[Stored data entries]
◆ ◆ ◆

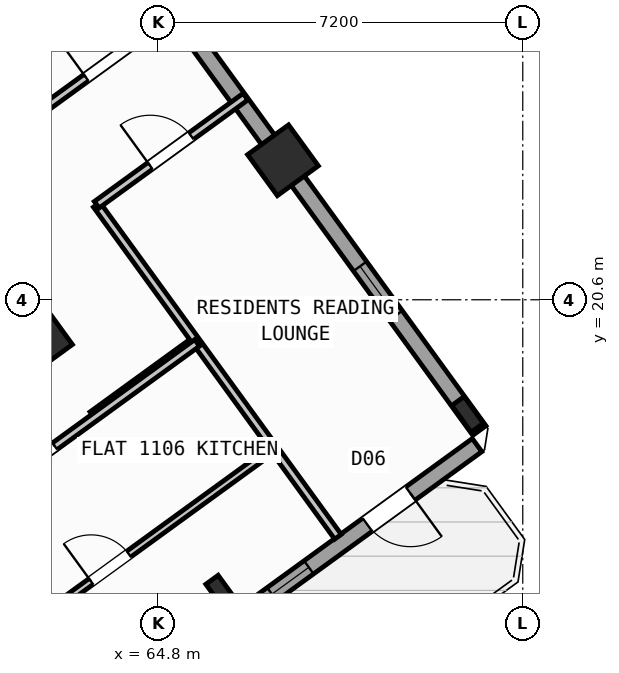
"""IFC4 building model, lengths in metres.
Left out: names, types, materials, properties, quantities, classifications, styles, units other than length and angle.
Written with IfcOpenShell. Run it as: python <this file> out.ifc"""

import sys

from ifc_helpers import new_model, si_unit, direction, frame, frame_2d, origin, origin_2d, place, context, subcontext, project, spatial, rectangle, hollow_rectangle, i_section, extrude, source, transform, mapped, element, fill, save


model = new_model("IFC4")
c1 = context("Model", 3, precision=1e-05, world=origin(), true_north=direction((0.0, 1.0)))
c2 = subcontext(c1, "Body", "Model", "MODEL_VIEW")
j1 = project(units=[si_unit("LENGTHUNIT", "METRE"), si_unit("PLANEANGLEUNIT", "RADIAN")], contexts=[c1])
p1 = place(None, origin())
s1 = spatial("IfcSite", under=j1, at=p1, CompositionType="ELEMENT")
p2 = place(p1, origin())
s2 = spatial("IfcBuilding", under=s1, at=p2, CompositionType="ELEMENT")
p3 = place(p2, frame((0.0, 0.0, 45.6)))
s3 = spatial("IfcBuildingStorey", under=s2, at=p3, CompositionType="ELEMENT", Elevation=45.6)
m1 = source(origin(), c2, "Body", "SweptSolid", [
    extrude(i_section(OverallWidth=0.3, OverallDepth=0.65, WebThickness=0.016, FlangeThickness=0.031, at=origin_2d()), origin(), (0.0, 0.0, 1.0), 3.6),
])
p4 = place(p3, frame((66.058, 14.811, 0.0), z_axis=(0.0, 0.0, 1.0), x_axis=(0.809016994375, 0.587785252292, 0.0)))
e1 = element("IfcColumn", 1, at=p4, inside=s3, PredefinedType="COLUMN", context=c2, shape_type="MappedRepresentation", body=[
    mapped(m1, transform((0.0, 0.0, 0.0), scale=1.0)),
])
m2 = source(origin(), c2, "Body", "SweptSolid", [
    extrude(hollow_rectangle(XDim=1.0, YDim=1.0, WallThickness=0.04, at=origin_2d()), origin(), (0.0, 0.0, 1.0), 3.6),
])
p5 = place(p3, frame((62.414, 19.827, 0.0), z_axis=(0.0, 0.0, 1.0), x_axis=(0.809016994375, 0.587785252292, 0.0)))
e2 = element("IfcColumn", 2, at=p5, inside=s3, PredefinedType="COLUMN", context=c2, shape_type="MappedRepresentation", body=[
    mapped(m2, transform((0.0, 0.0, 0.0), scale=1.0)),
])
p6 = place(p3, frame((70.912, 18.338, 0.0), z_axis=(0.0, 0.0, 1.0), x_axis=(0.809016994375, 0.587785252292, 0.0)))
e3 = element("IfcColumn", 3, at=p6, inside=s3, PredefinedType="COLUMN", context=c2, shape_type="MappedRepresentation", body=[
    mapped(m1, transform((0.0, 0.0, 0.0), scale=1.0)),
])
p7 = place(p3, frame((67.268, 23.354, 0.0), z_axis=(0.0, 0.0, 1.0), x_axis=(0.809016994375, 0.587785252292, 0.0)))
e4 = element("IfcColumn", 4, at=p7, inside=s3, PredefinedType="COLUMN", context=c2, shape_type="MappedRepresentation", body=[
    mapped(m2, transform((0.0, 0.0, 0.0), scale=1.0)),
])
p8 = place(p3, frame((58.455, 35.484, 0.0), z_axis=(0.0, 0.0, 1.0), x_axis=(0.587783625747, -0.809018176127, 0.0)))
e5 = element("IfcWall", 5, at=p8, inside=s3, PredefinedType="STANDARD", context=c2, shape_type="SweptSolid", body=[
    extrude(rectangle(XDim=21.587, YDim=0.32, at=frame_2d((10.794, 0.0))), origin(), (0.0, 0.0, 1.0), 2.725),
])
p9 = place(p8, frame((1.5, 0.0, 0.8)))
e6 = element("IfcOpeningElement", 6, at=p9, cuts=e5, PredefinedType="OPENING", context=c2, shape_type="SweptSolid", body=[
    extrude(rectangle(XDim=2.1, YDim=1.55, at=frame_2d((1.05, 0.775))), frame((0.0, 0.17, 0.0), z_axis=(0.0, -1.0, 0.0), x_axis=(1.0, 0.0, 0.0)), (0.0, 0.0, 1.0), 0.34),
])
p10 = place(p8, frame((5.105, 0.0, 0.85)))
e7 = element("IfcOpeningElement", 7, at=p10, cuts=e5, PredefinedType="OPENING", context=c2, shape_type="SweptSolid", body=[
    extrude(rectangle(XDim=1.5, YDim=1.5, at=frame_2d((0.75, 0.75))), frame((0.0, 0.17, 0.0), z_axis=(0.0, -1.0, 0.0), x_axis=(1.0, 0.0, 0.0)), (0.0, 0.0, 1.0), 0.34),
])
p11 = place(p8, frame((8.954, 0.0, 0.85)))
e8 = element("IfcOpeningElement", 8, at=p11, cuts=e5, PredefinedType="OPENING", context=c2, shape_type="SweptSolid", body=[
    extrude(rectangle(XDim=1.5, YDim=1.5, at=frame_2d((0.75, 0.75))), frame((0.0, 0.17, 0.0), z_axis=(0.0, -1.0, 0.0), x_axis=(1.0, 0.0, 0.0)), (0.0, 0.0, 1.0), 0.34),
])
p12 = place(p8, frame((17.581, 0.0, 0.95)))
e9 = element("IfcOpeningElement", 9, at=p12, cuts=e5, PredefinedType="OPENING", context=c2, shape_type="SweptSolid", body=[
    extrude(rectangle(XDim=1.2, YDim=1.4, at=frame_2d((0.6, 0.7))), frame((0.0, 0.17, 0.0), z_axis=(0.0, -1.0, 0.0), x_axis=(1.0, 0.0, 0.0)), (0.0, 0.0, 1.0), 0.34),
])
p13 = place(p3, frame((71.098, 17.731, 0.0), z_axis=(0.0, 0.0, 1.0), x_axis=(-0.809021120468, -0.587779573171, 0.0)))
e10 = element("IfcWall", 10, at=p13, inside=s3, PredefinedType="STANDARD", context=c2, shape_type="SweptSolid", body=[
    extrude(rectangle(XDim=17.588, YDim=0.32, at=frame_2d((8.794, 0.0))), origin(), (0.0, 0.0, 1.0), 3.35),
])
p14 = place(p13, frame((1.624, 0.0, 0.0)))
e11 = element("IfcOpeningElement", 11, at=p14, cuts=e10, PredefinedType="OPENING", context=c2, shape_type="SweptSolid", body=[
    extrude(rectangle(XDim=1.05, YDim=2.15, at=frame_2d((0.525, 1.075))), frame((0.0, 0.17, 0.0), z_axis=(0.0, -1.0, 0.0), x_axis=(1.0, 0.0, 0.0)), (0.0, 0.0, 1.0), 0.34),
])
p15 = place(p13, frame((4.104, 0.0, 1.0)))
e12 = element("IfcOpeningElement", 12, at=p15, cuts=e10, PredefinedType="OPENING", context=c2, shape_type="SweptSolid", body=[
    extrude(rectangle(XDim=0.9, YDim=1.25, at=frame_2d((0.45, 0.625))), frame((0.0, 0.17, 0.0), z_axis=(0.0, -1.0, 0.0), x_axis=(1.0, 0.0, 0.0)), (0.0, 0.0, 1.0), 0.34),
])
p16 = place(p13, frame((7.879, 0.0, 0.85)))
e13 = element("IfcOpeningElement", 13, at=p16, cuts=e10, PredefinedType="OPENING", context=c2, shape_type="SweptSolid", body=[
    extrude(rectangle(XDim=1.8, YDim=1.5, at=frame_2d((0.9, 0.75))), frame((0.0, 0.17, 0.0), z_axis=(0.0, -1.0, 0.0), x_axis=(1.0, 0.0, 0.0)), (0.0, 0.0, 1.0), 0.34),
])
p17 = place(p13, frame((12.849, 0.0, 0.85)))
e14 = element("IfcOpeningElement", 14, at=p17, cuts=e10, PredefinedType="OPENING", context=c2, shape_type="SweptSolid", body=[
    extrude(rectangle(XDim=1.8, YDim=1.5, at=frame_2d((0.9, 0.75))), frame((0.0, 0.17, 0.0), z_axis=(0.0, -1.0, 0.0), x_axis=(1.0, 0.0, 0.0)), (0.0, 0.0, 1.0), 0.34),
])
p18 = place(p3, frame((63.507, 18.322, 0.0), z_axis=(0.0, 0.0, 1.0), x_axis=(0.809034604122, 0.587761013791, 0.0)))
e15 = element("IfcWall", 15, at=p18, inside=s3, PredefinedType="PARTITIONING", context=c2, shape_type="SweptSolid", body=[
    extrude(rectangle(XDim=2.51, YDim=0.16, at=frame_2d((1.255, 0.0))), origin(), (0.0, 0.0, 1.0), 3.34),
])
p19 = place(p3, frame((68.353, 15.922, 0.0), z_axis=(0.0, 0.0, 1.0), x_axis=(-0.58776839458, 0.809029241952, 0.0)))
e16 = element("IfcWall", 16, at=p19, inside=s3, PredefinedType="PARTITIONING", context=c2, shape_type="SweptSolid", body=[
    extrude(rectangle(XDim=8.1, YDim=0.16, at=frame_2d((4.05, 0.0))), origin(), (0.0, 0.0, 1.0), 3.34),
])
p20 = place(p3, frame((63.592, 22.475, 0.0), z_axis=(0.0, 0.0, 1.0), x_axis=(0.809035546126, 0.58775971715, 0.0)))
e17 = element("IfcWall", 17, at=p20, inside=s3, PredefinedType="PARTITIONING", context=c2, shape_type="SweptSolid", body=[
    extrude(rectangle(XDim=3.63, YDim=0.16, at=frame_2d((1.815, 0.0))), origin(), (0.0, 0.0, 1.0), 3.34),
])
p21 = place(p20, frame((1.305, 0.0, 0.0)))
e18 = element("IfcOpeningElement", 18, at=p21, cuts=e17, PredefinedType="OPENING", context=c2, shape_type="SweptSolid", body=[
    extrude(rectangle(XDim=1.0, YDim=2.1, at=frame_2d((0.5, 1.05))), frame((0.0, 0.09, 0.0), z_axis=(0.0, -1.0, 0.0), x_axis=(1.0, 0.0, 0.0)), (0.0, 0.0, 1.0), 0.18),
])
p22 = place(p3, frame((62.328, 24.215, 0.0), z_axis=(0.0, 0.0, 1.0), x_axis=(0.809003564202, 0.587803736896, 0.0)))
e19 = element("IfcWall", 19, at=p22, inside=s3, PredefinedType="PARTITIONING", context=c2, shape_type="SweptSolid", body=[
    extrude(rectangle(XDim=3.63, YDim=0.16, at=frame_2d((1.815, 0.0))), origin(), (0.0, 0.0, 1.0), 3.34),
])
p23 = place(p22, frame((1.305, 0.0, 0.0)))
e20 = element("IfcOpeningElement", 20, at=p23, cuts=e19, PredefinedType="OPENING", context=c2, shape_type="SweptSolid", body=[
    extrude(rectangle(XDim=1.0, YDim=2.1, at=frame_2d((0.5, 1.05))), frame((0.0, 0.09, 0.0), z_axis=(0.0, -1.0, 0.0), x_axis=(1.0, 0.0, 0.0)), (0.0, 0.0, 1.0), 0.18),
])
p24 = place(p3, frame((53.705, 11.126, 0.0), z_axis=(0.0, 0.0, 1.0), x_axis=(0.809014504436, 0.587788679384, 0.0)))
e21 = element("IfcWall", 21, at=p24, inside=s3, PredefinedType="PARTITIONING", context=c2, shape_type="SweptSolid", body=[
    extrude(rectangle(XDim=14.67, YDim=0.16, at=frame_2d((7.335, 0.0))), origin(), (0.0, 0.0, 1.0), 3.34),
])
p25 = place(p24, frame((10.2, 0.0, 0.0)))
e22 = element("IfcOpeningElement", 22, at=p25, cuts=e21, PredefinedType="OPENING", context=c2, shape_type="SweptSolid", body=[
    extrude(rectangle(XDim=1.0, YDim=2.1, at=frame_2d((0.5, 1.05))), frame((0.0, 0.09, 0.0), z_axis=(0.0, -1.0, 0.0), x_axis=(1.0, 0.0, 0.0)), (0.0, 0.0, 1.0), 0.18),
])
p26 = place(p3, frame((56.249, 9.785, 0.0), z_axis=(0.0, 0.0, 1.0), x_axis=(0.809011747655, 0.587792473715, 0.0)))
e23 = element("IfcWall", 23, at=p26, inside=s3, PredefinedType="PLUMBINGWALL", context=c2, shape_type="SweptSolid", body=[
    extrude(rectangle(XDim=13.4, YDim=0.14, at=frame_2d((6.7, 0.0))), origin(), (0.0, 0.0, 1.0), 3.34),
])
p27 = place(p26, frame((8.94, 0.0, 0.0)))
e24 = element("IfcOpeningElement", 24, at=p27, cuts=e23, PredefinedType="OPENING", context=c2, shape_type="SweptSolid", body=[
    extrude(rectangle(XDim=0.92, YDim=2.08, at=frame_2d((0.46, 1.04))), frame((0.0, 0.08, 0.0), z_axis=(0.0, -1.0, 0.0), x_axis=(1.0, 0.0, 0.0)), (0.0, 0.0, 1.0), 0.16),
])
m3 = source(origin(), c2, "Body", "SweptSolid", [
    extrude(rectangle(XDim=1.05, YDim=2.15, at=frame_2d((0.525, 1.075))), frame((0.0, 0.025, 0.0), z_axis=(0.0, -1.0, 0.0), x_axis=(1.0, 0.0, 0.0)), (0.0, 0.0, 1.0), 0.05),
])
p28 = place(p14, origin())
e25 = element("IfcDoor", 25, at=p28, inside=s3, OperationType="SINGLE_SWING_LEFT", PredefinedType="DOOR", context=c2, shape_type="MappedRepresentation", body=[
    mapped(m3, transform((0.0, 0.0, 0.0), scale=1.0)),
])
fill(e11, e25)
m4 = source(origin(), c2, "Body", "SweptSolid", [
    extrude(rectangle(XDim=1.2, YDim=1.4, at=frame_2d((0.6, 0.7))), frame((0.0, 0.03, 0.0), z_axis=(0.0, -1.0, 0.0), x_axis=(1.0, 0.0, 0.0)), (0.0, 0.0, 1.0), 0.06),
])
p29 = place(p12, origin())
e26 = element("IfcWindow", 26, at=p29, inside=s3, PartitioningType="SINGLE_PANEL", PredefinedType="WINDOW", context=c2, shape_type="MappedRepresentation", body=[
    mapped(m4, transform((0.0, 0.0, 0.0), scale=1.0)),
])
fill(e9, e26)
m5 = source(origin(), c2, "Body", "SweptSolid", [
    extrude(rectangle(XDim=0.9, YDim=1.25, at=frame_2d((0.45, 0.625))), frame((0.0, 0.03, 0.0), z_axis=(0.0, -1.0, 0.0), x_axis=(1.0, 0.0, 0.0)), (0.0, 0.0, 1.0), 0.06),
])
p30 = place(p15, origin())
e27 = element("IfcWindow", 27, at=p30, inside=s3, PartitioningType="SINGLE_PANEL", PredefinedType="WINDOW", context=c2, shape_type="MappedRepresentation", body=[
    mapped(m5, transform((0.0, 0.0, 0.0), scale=1.0)),
])
fill(e12, e27)
m6 = source(origin(), c2, "Body", "SweptSolid", [
    extrude(rectangle(XDim=1.0, YDim=2.1, at=frame_2d((0.5, 1.05))), frame((0.0, 0.025, 0.0), z_axis=(0.0, -1.0, 0.0), x_axis=(1.0, 0.0, 0.0)), (0.0, 0.0, 1.0), 0.05),
])
p31 = place(p23, origin())
e28 = element("IfcDoor", 28, at=p31, inside=s3, OperationType="SINGLE_SWING_LEFT", PredefinedType="DOOR", context=c2, shape_type="MappedRepresentation", body=[
    mapped(m6, transform((0.0, 0.0, 0.0), scale=1.0)),
])
fill(e20, e28)
p32 = place(p21, origin())
e29 = element("IfcDoor", 29, at=p32, inside=s3, OperationType="SINGLE_SWING_LEFT", PredefinedType="DOOR", context=c2, shape_type="MappedRepresentation", body=[
    mapped(m6, transform((0.0, 0.0, 0.0), scale=1.0)),
])
fill(e18, e29)
p33 = place(p25, origin())
e30 = element("IfcDoor", 30, at=p33, inside=s3, OperationType="SINGLE_SWING_RIGHT", PredefinedType="DOOR", context=c2, shape_type="MappedRepresentation", body=[
    mapped(m6, transform((0.0, 0.0, 0.0), scale=1.0)),
])
fill(e22, e30)
m7 = source(origin(), c2, "Body", "SweptSolid", [
    extrude(rectangle(XDim=0.92, YDim=2.08, at=frame_2d((0.46, 1.04))), frame((0.0, 0.025, 0.0), z_axis=(0.0, -1.0, 0.0), x_axis=(1.0, 0.0, 0.0)), (0.0, 0.0, 1.0), 0.05),
])
p34 = place(p27, origin())
e31 = element("IfcDoor", 31, at=p34, inside=s3, OperationType="SINGLE_SWING_LEFT", PredefinedType="DOOR", context=c2, shape_type="MappedRepresentation", body=[
    mapped(m7, transform((0.0, 0.0, 0.0), scale=1.0)),
])
fill(e24, e31)
save(model, sys.argv[1])

◆ ◆ ◆

--- What you will do ---
The entries above hold a line with "x_axis=(0.809011747655, 0.587792473715, 0.0)))" and a later line with "p30 = place(p15, origin())". Write out exactly those lines and all lines between, nothing more.

--- Problem solution ---
p26 = place(p3, frame((56.249, 9.785, 0.0), z_axis=(0.0, 0.0, 1.0), x_axis=(0.809011747655, 0.587792473715, 0.0)))
e23 = element("IfcWall", 23, at=p26, inside=s3, PredefinedType="PLUMBINGWALL", context=c2, shape_type="SweptSolid", body=[
    extrude(rectangle(XDim=13.4, YDim=0.14, at=frame_2d((6.7, 0.0))), origin(), (0.0, 0.0, 1.0), 3.34),
])
p27 = place(p26, frame((8.94, 0.0, 0.0)))
e24 = element("IfcOpeningElement", 24, at=p27, cuts=e23, PredefinedType="OPENING", context=c2, shape_type="SweptSolid", body=[
    extrude(rectangle(XDim=0.92, YDim=2.08, at=frame_2d((0.46, 1.04))), frame((0.0, 0.08, 0.0), z_axis=(0.0, -1.0, 0.0), x_axis=(1.0, 0.0, 0.0)), (0.0, 0.0, 1.0), 0.16),
])
m3 = source(origin(), c2, "Body", "SweptSolid", [
    extrude(rectangle(XDim=1.05, YDim=2.15, at=frame_2d((0.525, 1.075))), frame((0.0, 0.025, 0.0), z_axis=(0.0, -1.0, 0.0), x_axis=(1.0, 0.0, 0.0)), (0.0, 0.0, 1.0), 0.05),
])
p28 = place(p14, origin())
e25 = element("IfcDoor", 25, at=p28, inside=s3, OperationType="SINGLE_SWING_LEFT", PredefinedType="DOOR", context=c2, shape_type="MappedRepresentation", body=[
    mapped(m3, transform((0.0, 0.0, 0.0), scale=1.0)),
])
fill(e11, e25)
m4 = source(origin(), c2, "Body", "SweptSolid", [
    extrude(rectangle(XDim=1.2, YDim=1.4, at=frame_2d((0.6, 0.7))), frame((0.0, 0.03, 0.0), z_axis=(0.0, -1.0, 0.0), x_axis=(1.0, 0.0, 0.0)), (0.0, 0.0, 1.0), 0.06),
])
p29 = place(p12, origin())
e26 = element("IfcWindow", 26, at=p29, inside=s3, PartitioningType="SINGLE_PANEL", PredefinedType="WINDOW", context=c2, shape_type="MappedRepresentation", body=[
    mapped(m4, transform((0.0, 0.0, 0.0), scale=1.0)),
])
fill(e9, e26)
m5 = source(origin(), c2, "Body", "SweptSolid", [
    extrude(rectangle(XDim=0.9, YDim=1.25, at=frame_2d((0.45, 0.625))), frame((0.0, 0.03, 0.0), z_axis=(0.0, -1.0, 0.0), x_axis=(1.0, 0.0, 0.0)), (0.0, 0.0, 1.0), 0.06),
])
p30 = place(p15, origin())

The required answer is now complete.